[Saved data entries]
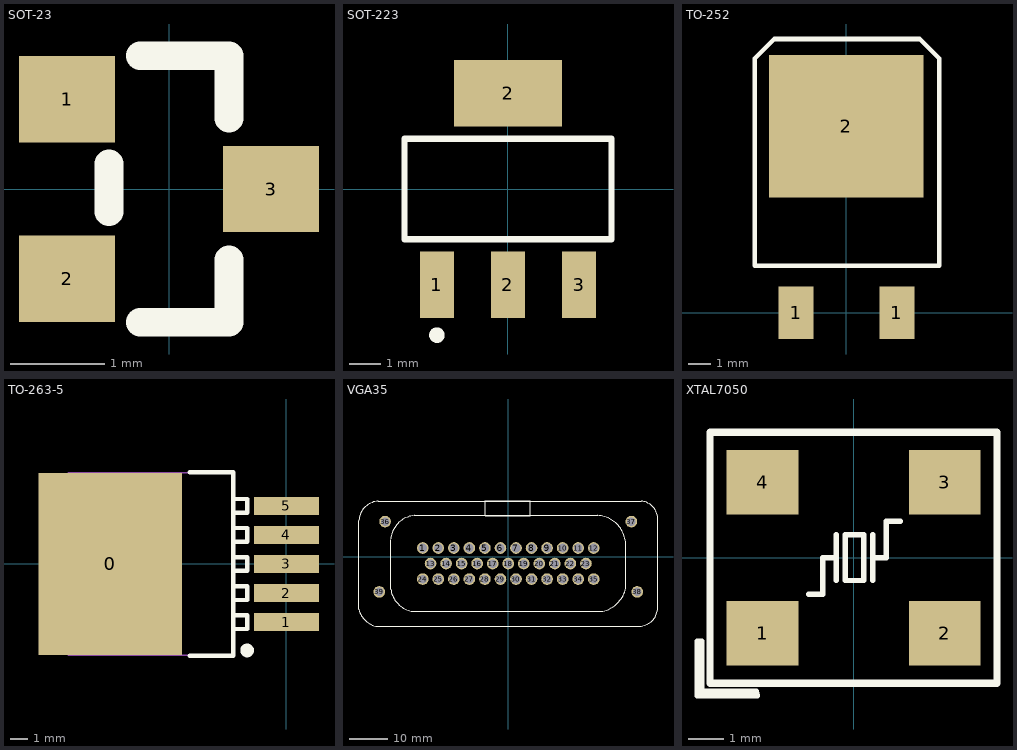
[diagram p0: the footprints below, top view; thin cyan lines are the x and y axes]
# Altium footprint library MISC82155.PcbLib: 38 footprints (part 3 of 3)
Each footprint in its own frame and in the unit in brackets; x right, y up, seen from the top. Pads: shape width x height; smd on the part's side, far side on the other; paste and mask are expansions set on the pad; w line width, h text height; cw(c..) or ccw(c..) is an arc to the next point about the centre after c.

## SOT-23 [mil]
height 374.02
pads (3):
  rect 40x36 smd: 1(-42.5,37.4) 2(-42.5,-37.4) 3(42.5,0)
Top Overlay:
  lines w12: -25,-9.5 -25,10.5 ; -12,-55.5 25,-55.5 25,-29.5 ; -12,55.5 25,55.5 25,29.5
3D body: height 39.37, standoff -0.79, extent -47,-56.98 50.48,57.98

## SOT-223 [mm]
height 3.98
pads (4):
  rect 1.1x2.15 smd: 1(-2.3,-3.1) 2(0,-3.1) 3(2.3,-3.1)
  rect 3.5x2.15 smd: 2(0,3.1)
Top Overlay:
  circle w0.25: c-2.3,-4.725 r0.125
  lines w0.2: -3.35,-1.625 3.35,-1.625 3.35,1.625 -3.35,1.625 -3.35,-1.625
3D body: height 1.8, standoff 0, extent -3.15,-3.3 3.15,3.3

## TO-252 [mm] "DPAK"
height 3.98
pads (3):
  rect 1.524x2.28 smd: 1(-2.2,0) 1(2.2,0)
  rect 6.74x6.23 smd: 2(0,8.14)
Top Overlay:
  lines w0.203: -4,2.05 4.05,2.05 4.05,11.1 3.2,11.95 -3.15,11.95 -4,11.1 -4,2.05
3D body: height 2.2, standoff 0, extent -3.24,-0.5 3.26,10.5

## TO-263-5 [mm]
pads (6):
  rect 8.4x10.65 smd: 0(-10.3,0)
  rect 3.8x1.05 smd: 1(0,-3.4) 2(0,-1.7) 3(0,0) 4(0,1.7) 5(0,3.4)
Top Overlay:
  circle w0.4: c-2.3,-5.05 r0.2
  lines w0.254: -5.65,-5.35 -3.1,-5.35 -3.1,5.35 -5.65,5.35 ; -3.1,-3 -2.3,-3 -2.3,-3.8 -3,-3.8 ; -3.1,-1.3 -2.3,-1.3 -2.3,-2.1 -3,-2.1 ; -3.1,0.4 -2.3,0.4 -2.3,-0.4 -3,-0.4 ; -3.1,2.1 -2.3,2.1 -2.3,1.3 -3,1.3 ; -3.1,3.8 -2.3,3.8 -2.3,3 -3,3
Mechanical 13:
  lines w0.1: -12.75,-5.325 -3.1,-5.325 -3.1,5.325 -12.75,5.325 -12.75,-5.325

## VGA35 [mm]
height 9.5
pads (39):
  round 3 hole 2.2: 1(-22,2.25) 2(-18,2.25) 3(-14,2.25) 4(-10,2.25) 5(-6,2.25) 6(-2,2.25) 7(2,2.25) 8(6,2.25) 9(10,2.25) 10(14,2.25) 11(18,2.25) 12(22,2.25) 13(-20,-1.75) 14(-16,-1.75) 15(-12,-1.75) 16(-8,-1.75) 17(-4,-1.75) 18(0,-1.75) 19(4,-1.75) 20(8,-1.75) 21(12,-1.75) 22(16,-1.75) 23(20,-1.75) 24(-22,-5.75) 25(-18,-5.75) 26(-14,-5.75) 27(-10,-5.75) 28(-6,-5.75) 29(-2,-5.75) 30(2,-5.75) 31(6,-5.75) 32(10,-5.75) 33(14,-5.75) 34(18,-5.75) 35(22,-5.75) 36(-31.7,9.05) 37(31.7,9.05) 38(33.2,-9.05) 39(-33.2,-9.05)
Top Overlay:
  lines w0.3: -38.45,-13.567 -38.45,9.333 ; -38.451,9.38 cw(c-33.073,8.948) -33.506,14.325 34.218,14.326 ; -38.449,-13.569 ccw(c-32.521,-11.937) -34.154,-17.865 ; -34.152,-17.865 34.292,-17.865 ; -30.256,4.602 cw(c-23.428,3.812) -24.218,10.639 ; -30.24,-8.348 -30.24,4.425 ; -30.239,-8.355 ccw(c-23.556,-7.38) -24.52,-14.064 ; -24.524,-14.063 24.348,-14.063 ; -24.215,10.64 22.995,10.64 ; 22.991,10.64 cw(c22.561,2.948) 30.252,3.392 ; 24.341,-14.065 ccw(c22.376,-6.187) 30.251,-8.165 ; 30.252,-8.158 30.252,3.382 ; 34.216,14.326 cw(c33.843,9.688) 38.479,10.069 ; 34.285,-17.866 ccw(c33.431,-12.817) 38.48,-13.68 ; 38.48,-13.677 38.48,10.064 ; -5.952,10.605 5.636,10.605 5.636,14.359 -5.952,14.359 -5.952,10.605

## XTAL7050 [mm]
height 9.5
pads (4):
  rect 2x1.8 smd: 1(-2.54,-2.1) 2(2.54,-2.1) 3(2.54,2.1) 4(-2.54,2.1)
Top Overlay:
  lines w0.152: -1.245,-1.016 -0.864,-1.016 -0.864,0 -0.483,0 ; -0.483,-0.635 -0.483,0.635 ; 0.533,-0.635 0.533,0.635 ; 0.533,0 0.914,0 0.914,1.016 1.295,1.016 ; -4.367,-3.849 -2.69,-3.849 -2.716,-3.722 -4.24,-3.722 -4.24,-2.325 -4.367,-2.325 -4.367,-3.849 ; -0.229,-0.635 -0.229,0.635 0.279,0.635 0.279,-0.635 -0.229,-0.635
  lines w0.2: -4,-3.5 4,-3.5 4,3.5 -4,3.5 -4,-3.5

**WHAT THE TASK REQUIRES:** The task calls for every record to be transcribed exactly, with no images included.

**REPLY TO THE TASK:**
[diagram p0: the footprints below, top view; thin cyan lines are the x and y axes]
# Altium footprint library MISC82155.PcbLib: 38 footprints (part 3 of 3)
Each footprint in its own frame and in the unit in brackets; x right, y up, seen from the top. Pads: shape width x height; smd on the part's side, far side on the other; paste and mask are expansions set on the pad; w line width, h text height; cw(c..) or ccw(c..) is an arc to the next point about the centre after c.

## SOT-23 [mil]
height 374.02
pads (3):
  rect 40x36 smd: 1(-42.5,37.4) 2(-42.5,-37.4) 3(42.5,0)
Top Overlay:
  lines w12: -25,-9.5 -25,10.5 ; -12,-55.5 25,-55.5 25,-29.5 ; -12,55.5 25,55.5 25,29.5
3D body: height 39.37, standoff -0.79, extent -47,-56.98 50.48,57.98

## SOT-223 [mm]
height 3.98
pads (4):
  rect 1.1x2.15 smd: 1(-2.3,-3.1) 2(0,-3.1) 3(2.3,-3.1)
  rect 3.5x2.15 smd: 2(0,3.1)
Top Overlay:
  circle w0.25: c-2.3,-4.725 r0.125
  lines w0.2: -3.35,-1.625 3.35,-1.625 3.35,1.625 -3.35,1.625 -3.35,-1.625
3D body: height 1.8, standoff 0, extent -3.15,-3.3 3.15,3.3

## TO-252 [mm] "DPAK"
height 3.98
pads (3):
  rect 1.524x2.28 smd: 1(-2.2,0) 1(2.2,0)
  rect 6.74x6.23 smd: 2(0,8.14)
Top Overlay:
  lines w0.203: -4,2.05 4.05,2.05 4.05,11.1 3.2,11.95 -3.15,11.95 -4,11.1 -4,2.05
3D body: height 2.2, standoff 0, extent -3.24,-0.5 3.26,10.5

## TO-263-5 [mm]
pads (6):
  rect 8.4x10.65 smd: 0(-10.3,0)
  rect 3.8x1.05 smd: 1(0,-3.4) 2(0,-1.7) 3(0,0) 4(0,1.7) 5(0,3.4)
Top Overlay:
  circle w0.4: c-2.3,-5.05 r0.2
  lines w0.254: -5.65,-5.35 -3.1,-5.35 -3.1,5.35 -5.65,5.35 ; -3.1,-3 -2.3,-3 -2.3,-3.8 -3,-3.8 ; -3.1,-1.3 -2.3,-1.3 -2.3,-2.1 -3,-2.1 ; -3.1,0.4 -2.3,0.4 -2.3,-0.4 -3,-0.4 ; -3.1,2.1 -2.3,2.1 -2.3,1.3 -3,1.3 ; -3.1,3.8 -2.3,3.8 -2.3,3 -3,3
Mechanical 13:
  lines w0.1: -12.75,-5.325 -3.1,-5.325 -3.1,5.325 -12.75,5.325 -12.75,-5.325

## VGA35 [mm]
height 9.5
pads (39):
  round 3 hole 2.2: 1(-22,2.25) 2(-18,2.25) 3(-14,2.25) 4(-10,2.25) 5(-6,2.25) 6(-2,2.25) 7(2,2.25) 8(6,2.25) 9(10,2.25) 10(14,2.25) 11(18,2.25) 12(22,2.25) 13(-20,-1.75) 14(-16,-1.75) 15(-12,-1.75) 16(-8,-1.75) 17(-4,-1.75) 18(0,-1.75) 19(4,-1.75) 20(8,-1.75) 21(12,-1.75) 22(16,-1.75) 23(20,-1.75) 24(-22,-5.75) 25(-18,-5.75) 26(-14,-5.75) 27(-10,-5.75) 28(-6,-5.75) 29(-2,-5.75) 30(2,-5.75) 31(6,-5.75) 32(10,-5.75) 33(14,-5.75) 34(18,-5.75) 35(22,-5.75) 36(-31.7,9.05) 37(31.7,9.05) 38(33.2,-9.05) 39(-33.2,-9.05)
Top Overlay:
  lines w0.3: -38.45,-13.567 -38.45,9.333 ; -38.451,9.38 cw(c-33.073,8.948) -33.506,14.325 34.218,14.326 ; -38.449,-13.569 ccw(c-32.521,-11.937) -34.154,-17.865 ; -34.152,-17.865 34.292,-17.865 ; -30.256,4.602 cw(c-23.428,3.812) -24.218,10.639 ; -30.24,-8.348 -30.24,4.425 ; -30.239,-8.355 ccw(c-23.556,-7.38) -24.52,-14.064 ; -24.524,-14.063 24.348,-14.063 ; -24.215,10.64 22.995,10.64 ; 22.991,10.64 cw(c22.561,2.948) 30.252,3.392 ; 24.341,-14.065 ccw(c22.376,-6.187) 30.251,-8.165 ; 30.252,-8.158 30.252,3.382 ; 34.216,14.326 cw(c33.843,9.688) 38.479,10.069 ; 34.285,-17.866 ccw(c33.431,-12.817) 38.48,-13.68 ; 38.48,-13.677 38.48,10.064 ; -5.952,10.605 5.636,10.605 5.636,14.359 -5.952,14.359 -5.952,10.605

## XTAL7050 [mm]
height 9.5
pads (4):
  rect 2x1.8 smd: 1(-2.54,-2.1) 2(2.54,-2.1) 3(2.54,2.1) 4(-2.54,2.1)
Top Overlay:
  lines w0.152: -1.245,-1.016 -0.864,-1.016 -0.864,0 -0.483,0 ; -0.483,-0.635 -0.483,0.635 ; 0.533,-0.635 0.533,0.635 ; 0.533,0 0.914,0 0.914,1.016 1.295,1.016 ; -4.367,-3.849 -2.69,-3.849 -2.716,-3.722 -4.24,-3.722 -4.24,-2.325 -4.367,-2.325 -4.367,-3.849 ; -0.229,-0.635 -0.229,0.635 0.279,0.635 0.279,-0.635 -0.229,-0.635
  lines w0.2: -4,-3.5 4,-3.5 4,3.5 -4,3.5 -4,-3.5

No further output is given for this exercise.